#### Exercise goal:
From the entries below, output the line with "Panel Width = 2'" and each following line up to and including the line with "Properties by = 1", exactly as written.

(Beginning of Data for processing)

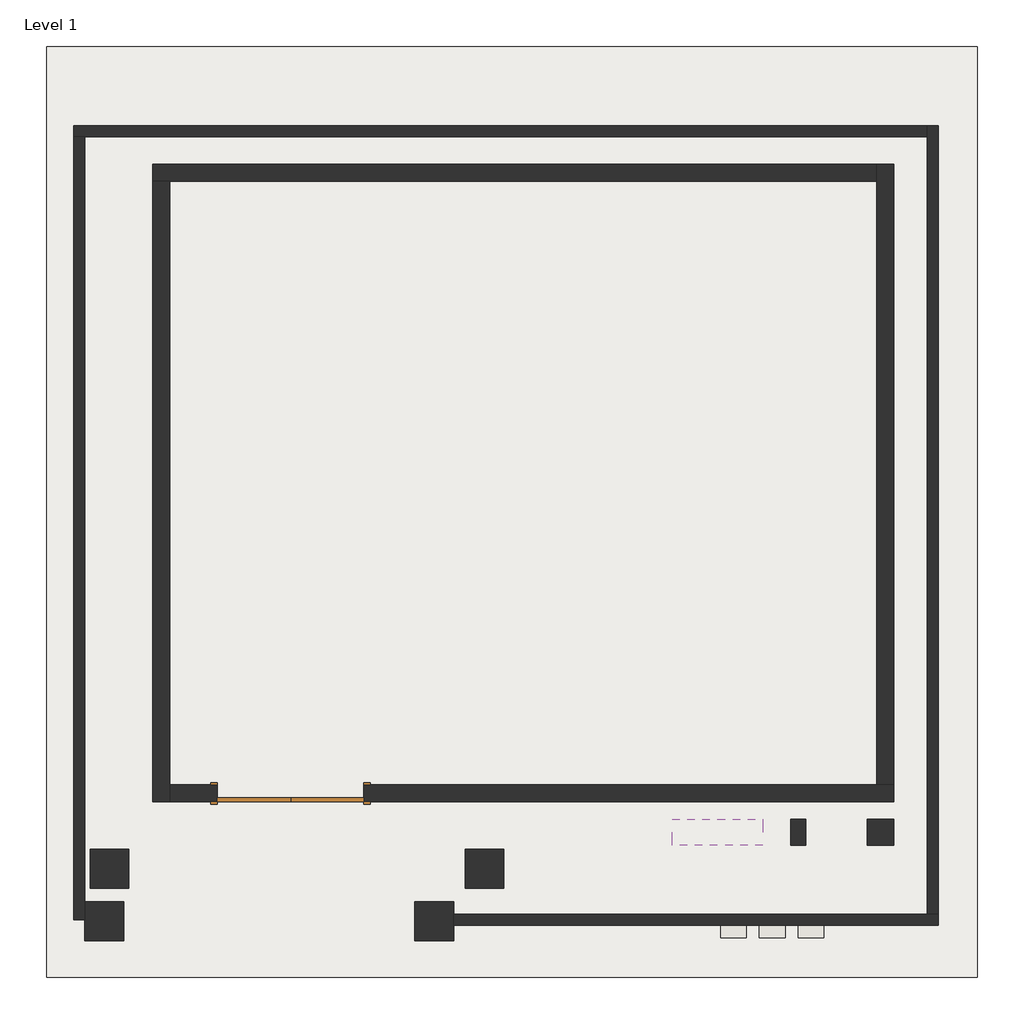
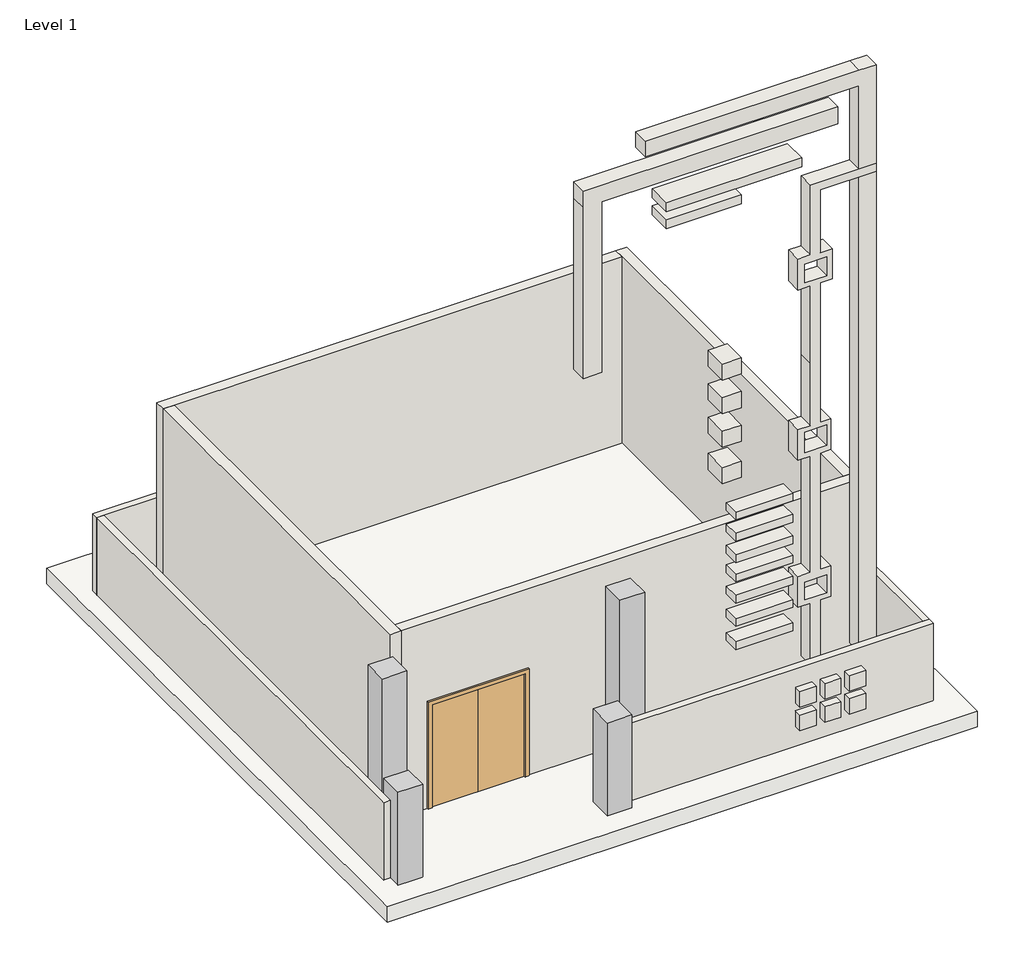
# One storey: 12 walls, 4 columns, 1 door, 1 slab.
"""IFC4 building model written with IfcOpenShell, lengths in millimetres."""

from ifc_helpers import new_model, si_unit, frame, origin, origin_with_axes, place, context, project, spatial, polyline, outline, extrude, faceted_brep, transform, mapped, element, save
from components import column_ce396696, door_aae36eb6, walls_1_walls_1_5a20c518, walls_5_walls_5_fc3546cb, walls_6_walls_6_ffd2a55d, walls_7_walls_7_e8c1ea63

model = new_model("IFC4")

# Units and contexts
model_context = context("Model", 3, world=origin())
ifc_project = project(units=[si_unit("LENGTHUNIT", "METRE", prefix="MILLI")], contexts=[model_context])

# Site, building, storey
site = spatial("IfcSite", under=ifc_project)
building = spatial("IfcBuilding", under=site)
storey = spatial("IfcBuildingStorey", under=building, Name="Level 1", Elevation=0.0)

# Columns
placement = place(None, origin())
element("IfcColumn", 1, ObjectType="Rectangular Column : 18\" x 18\"", at=placement, inside=storey, context=model_context, shape_type="SweptSolid", body=[
    extrude(outline(polyline([(-5771.1093643, 1455.1827135), (-5771.1093643, 997.9827135), (-6228.3093643, 997.9827135), (-6228.3093643, 1455.1827135), (-5771.1093643, 1455.1827135)])), origin_with_axes(), (0.0, 0.0, 1.0), 3657.6),
])
element("IfcColumn", 2, ObjectType="Rectangular Column : 18\" x 18\"", at=placement, inside=storey, context=model_context, shape_type="Brep", body=[
    faceted_brep([(-10255.0909085, 837.6674273, 1828.8), (-10712.2909085, 837.6674273, 1828.8), (-10712.2909085, 380.4674273, 1828.8), (-10255.0909085, 380.4674273, 1828.8), (-10255.0909085, 837.6674273, 0.0), (-10255.0909085, 380.4674273, 0.0), (-10712.2909085, 380.4674273, 0.0), (-10712.2909085, 624.7297756, 0.0), (-10712.2909085, 837.6674273, 0.0)], [[[0, 1, 2, 3]], [[4, 5, 6, 7, 8]], [[1, 0, 4, 8]], [[2, 1, 8, 7, 6]], [[3, 2, 6, 5]], [[0, 3, 5, 4]]]),
])
element("IfcColumn", 3, ObjectType="Rectangular Column : 18\" x 18\"", at=placement, inside=storey, context=model_context, shape_type="Brep", body=[
    faceted_brep([(-6365.0284004, 837.6674273, 1828.8), (-6822.2284004, 837.6674273, 1828.8), (-6822.2284004, 380.4674273, 1828.8), (-6365.0284004, 380.4674273, 1828.8), (-6365.0284004, 837.6674273, 0.0), (-6365.0284004, 689.4718041, 0.0), (-6365.0284004, 562.4718041, 0.0), (-6365.0284004, 380.4674273, 0.0), (-6822.2284004, 380.4674273, 0.0), (-6822.2284004, 837.6674273, 0.0)], [[[0, 1, 2, 3]], [[4, 5, 6, 7, 8, 9]], [[1, 0, 4, 9]], [[2, 1, 9, 8]], [[3, 2, 8, 7]], [[0, 3, 7, 6, 5, 4]]]),
])
column_shape = column_ce396696(model_context)
element("IfcColumn", 4, ObjectType="Rectangular Column : 18\" x 18\"", at=placement, inside=storey, context=model_context, shape_type="MappedRepresentation", body=[
    mapped(column_shape, transform((-10419.3093643, 1226.5827135, 0.0), x_axis=(1.0, 0.0, 0.0), y_axis=(0.0, 1.0, 0.0), z_axis=(0.0, 0.0, 1.0))),
])

# Door
door_shape = door_aae36eb6(model_context)
element("IfcDoor", 5, ObjectType="Door-Double-Flush_Panel : 68\" x 80\"", at=placement, inside=storey, context=model_context, shape_type="MappedRepresentation", body=[
    mapped(door_shape, transform((-8285.7093643, 2115.5827135, 0.0), x_axis=(-1.0, 0.0, 0.0), y_axis=(0.0, -1.0, 0.0), z_axis=(0.0, 0.0, 1.0))),
])

# Slab
element("IfcSlab", 6, ObjectType="Generic - 12\"", at=placement, inside=storey, context=model_context, shape_type="SweptSolid", body=[
    extrude(outline(polyline([(-189.3944008, 10918.5162537), (-189.3944008, -54.2837463), (-11162.1944008, -54.2837463), (-11162.1944008, 10918.5162537), (-189.3944008, 10918.5162537)])), frame((0.0, 0.0, -304.8), z_axis=(0.0, 0.0, 1.0), x_axis=(1.0, 0.0, 0.0)), (0.0, 0.0, 1.0), 304.8),
])

# Walls
element("IfcWall", 7, ObjectType="Generic - 5\"", at=placement, inside=storey, context=model_context, shape_type="Brep", body=[
    faceted_brep([(-10839.2909085, 9857.6297756, 0.0), (-10712.2909085, 9857.6297756, 0.0), (-780.8909085, 9857.6297756, 0.0), (-780.8909085, 9857.6297756, 1524.0), (-10712.2909085, 9857.6297756, 1524.0), (-10839.2909085, 9857.6297756, 1524.0), (-10839.2909085, 9984.6297756, 0.0), (-10839.2909085, 9984.6297756, 1524.0), (-780.8909085, 9984.6297756, 1524.0), (-780.8909085, 9984.6297756, 0.0)], [[[0, 1, 2, 3, 4, 5]], [[6, 7, 8, 9]], [[2, 1, 0, 6, 9]], [[5, 4, 3, 8, 7]], [[0, 5, 7, 6]], [[3, 2, 9, 8]]]),
])
element("IfcWall", 8, ObjectType="Generic - 5\"", at=placement, inside=storey, context=model_context, shape_type="Brep", body=[
    faceted_brep([(-10712.2909085, 624.7297756, 0.0), (-10712.2909085, 837.6674273, 0.0), (-10712.2909085, 9857.6297756, 0.0), (-10712.2909085, 9857.6297756, 1524.0), (-10712.2909085, 624.7297756, 1524.0), (-10839.2909085, 624.7297756, 0.0), (-10839.2909085, 624.7297756, 1524.0), (-10839.2909085, 9857.6297756, 1524.0), (-10839.2909085, 9857.6297756, 0.0)], [[[0, 1, 2, 3, 4]], [[5, 6, 7, 8]], [[2, 1, 0, 5, 8]], [[4, 3, 7, 6]], [[0, 4, 6, 5]], [[3, 2, 8, 7]]]),
])
element("IfcWall", 9, ObjectType="Generic - 5\"", at=placement, inside=storey, context=model_context, shape_type="Brep", body=[
    faceted_brep([(-653.8909085, 689.4718041, 0.0), (-780.8909085, 689.4718041, 0.0), (-6365.0284004, 689.4718041, 0.0), (-6365.0284004, 689.4718041, 1524.0), (-780.8909085, 689.4718041, 1524.0), (-653.8909085, 689.4718041, 1524.0), (-653.8909085, 562.4718041, 0.0), (-653.8909085, 562.4718041, 1524.0), (-6365.0284004, 562.4718041, 1524.0), (-6365.0284004, 562.4718041, 0.0)], [[[0, 1, 2, 3, 4, 5]], [[6, 7, 8, 9]], [[2, 1, 0, 6, 9]], [[3, 2, 9, 8]], [[5, 4, 3, 8, 7]], [[0, 5, 7, 6]]]),
])
element("IfcWall", 10, ObjectType="Generic - 5\"", at=placement, inside=storey, context=model_context, shape_type="Brep", body=[
    faceted_brep([(-780.8909085, 9984.6297756, 0.0), (-780.8909085, 9857.6297756, 0.0), (-780.8909085, 689.4718041, 0.0), (-780.8909085, 689.4718041, 1524.0), (-780.8909085, 9857.6297756, 1524.0), (-780.8909085, 9984.6297756, 1524.0), (-653.8909085, 9984.6297756, 0.0), (-653.8909085, 9984.6297756, 1524.0), (-653.8909085, 689.4718041, 1524.0), (-653.8909085, 689.4718041, 0.0)], [[[0, 1, 2, 3, 4, 5]], [[6, 7, 8, 9]], [[2, 1, 0, 6, 9]], [[5, 4, 3, 8, 7]], [[0, 5, 7, 6]], [[3, 2, 9, 8]]]),
])
element("IfcWall", 11, ObjectType="Generic - 8\"", at=placement, inside=storey, context=model_context, shape_type="Brep", body=[
    faceted_brep([(-9911.3093643, 9329.1827135, 0.0), (-9708.1093643, 9329.1827135, 0.0), (-1376.9093643, 9329.1827135, 0.0), (-1376.9093643, 9329.1827135, 3657.6), (-9708.1093643, 9329.1827135, 3657.6), (-9911.3093643, 9329.1827135, 3657.6), (-9911.3093643, 9532.3827135, 0.0), (-9911.3093643, 9532.3827135, 3657.6), (-1376.9093643, 9532.3827135, 3657.6), (-1376.9093643, 9532.3827135, 0.0)], [[[0, 1, 2, 3, 4, 5]], [[6, 7, 8, 9]], [[2, 1, 0, 6, 9]], [[0, 5, 7, 6]], [[3, 2, 9, 8]], [[5, 4, 3, 8, 7]]]),
])
element("IfcWall", 12, ObjectType="Generic - 8\"", at=placement, inside=storey, context=model_context, shape_type="Brep", body=[
    faceted_brep([(-9708.1093643, 2013.9827135, 0.0), (-9708.1093643, 2217.1827135, 0.0), (-9708.1093643, 9329.1827135, 0.0), (-9708.1093643, 9329.1827135, 3657.6), (-9708.1093643, 2217.1827135, 3657.6), (-9708.1093643, 2013.9827135, 3657.6), (-9911.3093643, 2013.9827135, 0.0), (-9911.3093643, 2013.9827135, 3657.6), (-9911.3093643, 9329.1827135, 3657.6), (-9911.3093643, 9329.1827135, 0.0)], [[[0, 1, 2, 3, 4, 5]], [[6, 7, 8, 9]], [[2, 1, 0, 6, 9]], [[0, 5, 7, 6]], [[3, 2, 9, 8]], [[5, 4, 3, 8, 7]]]),
])
element("IfcWall", 13, ObjectType="Generic - 8\"", at=placement, inside=storey, context=model_context, shape_type="Brep", body=[
    faceted_brep([(-1173.7093643, 2217.1827135, 3657.6), (-1173.7093643, 2217.1827135, 0.0), (-1376.9093643, 2217.1827135, 0.0), (-7422.1093643, 2217.1827135, 0.0), (-7422.1093643, 2217.1827135, 2032.0), (-9149.3093643, 2217.1827135, 2032.0), (-9149.3093643, 2217.1827135, 0.0), (-9708.1093643, 2217.1827135, 0.0), (-9708.1093643, 2217.1827135, 3657.6), (-1376.9093643, 2217.1827135, 3657.6), (-1173.7093643, 2013.9827135, 0.0), (-1173.7093643, 2013.9827135, 3657.6), (-5542.5093643, 2013.9827135, 3657.6), (-9708.1093643, 2013.9827135, 3657.6), (-9708.1093643, 2013.9827135, 0.0), (-9149.3093643, 2013.9827135, 0.0), (-9149.3093643, 2013.9827135, 2032.0), (-7422.1093643, 2013.9827135, 2032.0), (-7422.1093643, 2013.9827135, 0.0)], [[[0, 1, 2, 3, 4, 5, 6, 7, 8, 9]], [[10, 11, 12, 13, 14, 15, 16, 17, 18]], [[1, 10, 18, 3, 2]], [[14, 7, 6, 15]], [[1, 0, 11, 10]], [[8, 7, 14, 13]], [[11, 0, 9, 8, 13, 12]], [[5, 16, 15, 6]], [[16, 5, 4, 17]], [[17, 4, 3, 18]]]),
])
element("IfcWall", 14, ObjectType="Generic - 8\"", at=placement, inside=storey, context=model_context, shape_type="Brep", body=[
    faceted_brep([(-1376.9093643, 9532.3827135, 0.0), (-1376.9093643, 9329.1827135, 0.0), (-1376.9093643, 2217.1827135, 0.0), (-1376.9093643, 2217.1827135, 3657.6), (-1376.9093643, 9329.1827135, 3657.6), (-1376.9093643, 9532.3827135, 3657.6), (-1173.7093643, 9532.3827135, 0.0), (-1173.7093643, 9532.3827135, 3657.6), (-1173.7093643, 2217.1827135, 3657.6), (-1173.7093643, 2217.1827135, 0.0)], [[[0, 1, 2, 3, 4, 5]], [[6, 7, 8, 9]], [[2, 1, 0, 6, 9]], [[0, 5, 7, 6]], [[3, 2, 9, 8]], [[5, 4, 3, 8, 7]]]),
])
walls_1_walls_1_shape = walls_1_walls_1_5a20c518(model_context)
element("IfcWall", 15, ObjectType="Walls 1 : Walls 1", at=placement, inside=storey, context=model_context, shape_type="MappedRepresentation", body=[
    mapped(walls_1_walls_1_shape, transform((0.0, 0.0, 0.0), x_axis=(1.0, 0.0, 0.0), y_axis=(0.0, 1.0, 0.0), z_axis=(0.0, 0.0, 1.0))),
])
walls_5_walls_5_shape = walls_5_walls_5_fc3546cb(model_context)
element("IfcWall", 16, ObjectType="Walls 5 : Walls 5", at=placement, inside=storey, context=model_context, shape_type="MappedRepresentation", body=[
    mapped(walls_5_walls_5_shape, transform((0.0, 0.0, 0.0), x_axis=(1.0, 0.0, 0.0), y_axis=(0.0, 1.0, 0.0), z_axis=(0.0, 0.0, 1.0))),
])
walls_6_walls_6_shape = walls_6_walls_6_ffd2a55d(model_context)
element("IfcWall", 17, ObjectType="Walls 6 : Walls 6", at=placement, inside=storey, context=model_context, shape_type="MappedRepresentation", body=[
    mapped(walls_6_walls_6_shape, transform((0.0, 0.0, 0.0), x_axis=(1.0, 0.0, 0.0), y_axis=(0.0, 1.0, 0.0), z_axis=(0.0, 0.0, 1.0))),
])
walls_7_walls_7_shape = walls_7_walls_7_e8c1ea63(model_context)
element("IfcWall", 18, ObjectType="Walls 7 : Walls 7", at=placement, inside=storey, context=model_context, shape_type="MappedRepresentation", body=[
    mapped(walls_7_walls_7_shape, transform((0.0, 0.0, 0.0), x_axis=(1.0, 0.0, 0.0), y_axis=(0.0, 1.0, 0.0), z_axis=(0.0, 0.0, 1.0))),
])

save(model, "model.ifc")

# Revit data of these elements
# Type "Rectangular Column : 18\" x 18\""
#   Assembly Code = "B1010200"
#   Depth = 1' - 6"
#   Offset Base = 0' - 0"
#   Offset Top = 0' - 0"
#   Width = 1' - 6"
#   Material = none
# Type "Door-Double-Flush_Panel : 68\" x 80\""
#   Type Mark = "8"
#   Construction Type Id = "DOOR"
#   Assembly Code = "C1020"
#   Analytic Construction = "Wooden"
#   Thickness = 0' - 2"
#   Thermal Resistance (R) = 2.5876 (h·ft²·°F)/BTU
#   Swing Angle [instance default] = 90.00°
#   Panel Width = 2' - 10"
#   Heat Transfer Coefficient (U) = 0.3865 BTU/(h·ft²·°F)
#   Height = 6' - 8"
#   Trim Projection Ext = 0' - 1"
#   Trim Projection Int = 0' - 1"
#   Trim Width = 0' - 3"
#   Width = 5' - 8"
#   Define Thermal Properties by = 1
#   Panel Material = Wood - Birch - Solid Stained Light Low Gloss
#   Trim Material = Paint - Sienna
#   Visual Light Transmittance = 0
#   Solar Heat Gain Coefficient = 0
#   Function = (empty or 0)
#   Wall Closure = (empty or 0)
# Type "Generic - 12\""
#   Assembly Code = "B1010"
#   Function = 0
#   Layers, outside or top first: 1' - 0" no material (function 1)
# Type "Generic - 5\""
#   Assembly Code = "B2010"
#   Layers, outside or top first: 0' - 5" no material (function 1)
# Type "Generic - 8\""
#   Assembly Code = "B2010"
#   Layers, outside or top first: 0' - 8" no material (function 1)
# Elements 1, 4 (IfcColumn, "Rectangular Column : 18\" x 18\"")
#   Phase Created = New Construction
# Elements 2, 3 (IfcColumn, "Rectangular Column : 18\" x 18\"")
#   Phase Created = New Construction
#   Materials on its faces: "Default Wall"
# Element 5 (IfcDoor, "Door-Double-Flush_Panel : 68\" x 80\"")
#   Swing Angle = 90.00°
#   Phase Created = New Construction
#   Materials on its faces: "Paint - Sienna", "Wood - Birch - Solid Stained Light Low Gloss"
# Element 6 (IfcSlab, "Generic - 12\"")
#   Height Offset From Level = 0' - 0"
#   Phase Created = New Construction
#   Materials on its faces: "Default Floor"
# Elements 7, 8, 9, 10 (IfcWall, "Generic - 5\"")
#   Top Offset = -7' - 0"
#   Base Offset = 0' - 0"
#   wall height = 5' - 0"
#   Phase Created = New Construction
#   Base Constraint = Level 1
#   Top Constraint = Level 2
#   Materials on its faces: "Default Wall"
# Elements 11, 12, 13, 14 (IfcWall, "Generic - 8\"")
#   Top Offset = 0' - 0"
#   Base Offset = 0' - 0"
#   Unconnected Height = 12' - 0"
#   wall height = 12' - 0"
#   Phase Created = New Construction
#   Base Constraint = Level 1
#   Materials on its faces: "Default Wall"
# Element 15 (IfcWall, "Walls 1 : Walls 1")
#   Phase Created = New Construction
#   Materials on its faces: "Default Wall"
# Element 16 (IfcWall, "Walls 5 : Walls 5")
#   Phase Created = New Construction
#   Materials on its faces: "Default Wall"
# Element 17 (IfcWall, "Walls 6 : Walls 6")
#   Phase Created = New Construction
#   Materials on its faces: "Default Wall"
# Element 18 (IfcWall, "Walls 7 : Walls 7")
#   Phase Created = New Construction
#   Materials on its faces: "Default Wall"
# Materials
#   "Wood - Birch - Solid Stained Light Low Gloss": class "Wood", colour RGB 210 159 95, transparency 0, Cost = 0
#   "Paint - Sienna": colour RGB 118 70 51, transparency 0, Cost = 0
#   "Default Wall": colour RGB 128 128 128, transparency 0
#   "Default Floor": colour RGB 128 128 128, transparency 0

(End of Data for processing)

#### Output for this exercise:
#   Panel Width = 2' - 10"
#   Heat Transfer Coefficient (U) = 0.3865 BTU/(h·ft²·°F)
#   Height = 6' - 8"
#   Trim Projection Ext = 0' - 1"
#   Trim Projection Int = 0' - 1"
#   Trim Width = 0' - 3"
#   Width = 5' - 8"
#   Define Thermal Properties by = 1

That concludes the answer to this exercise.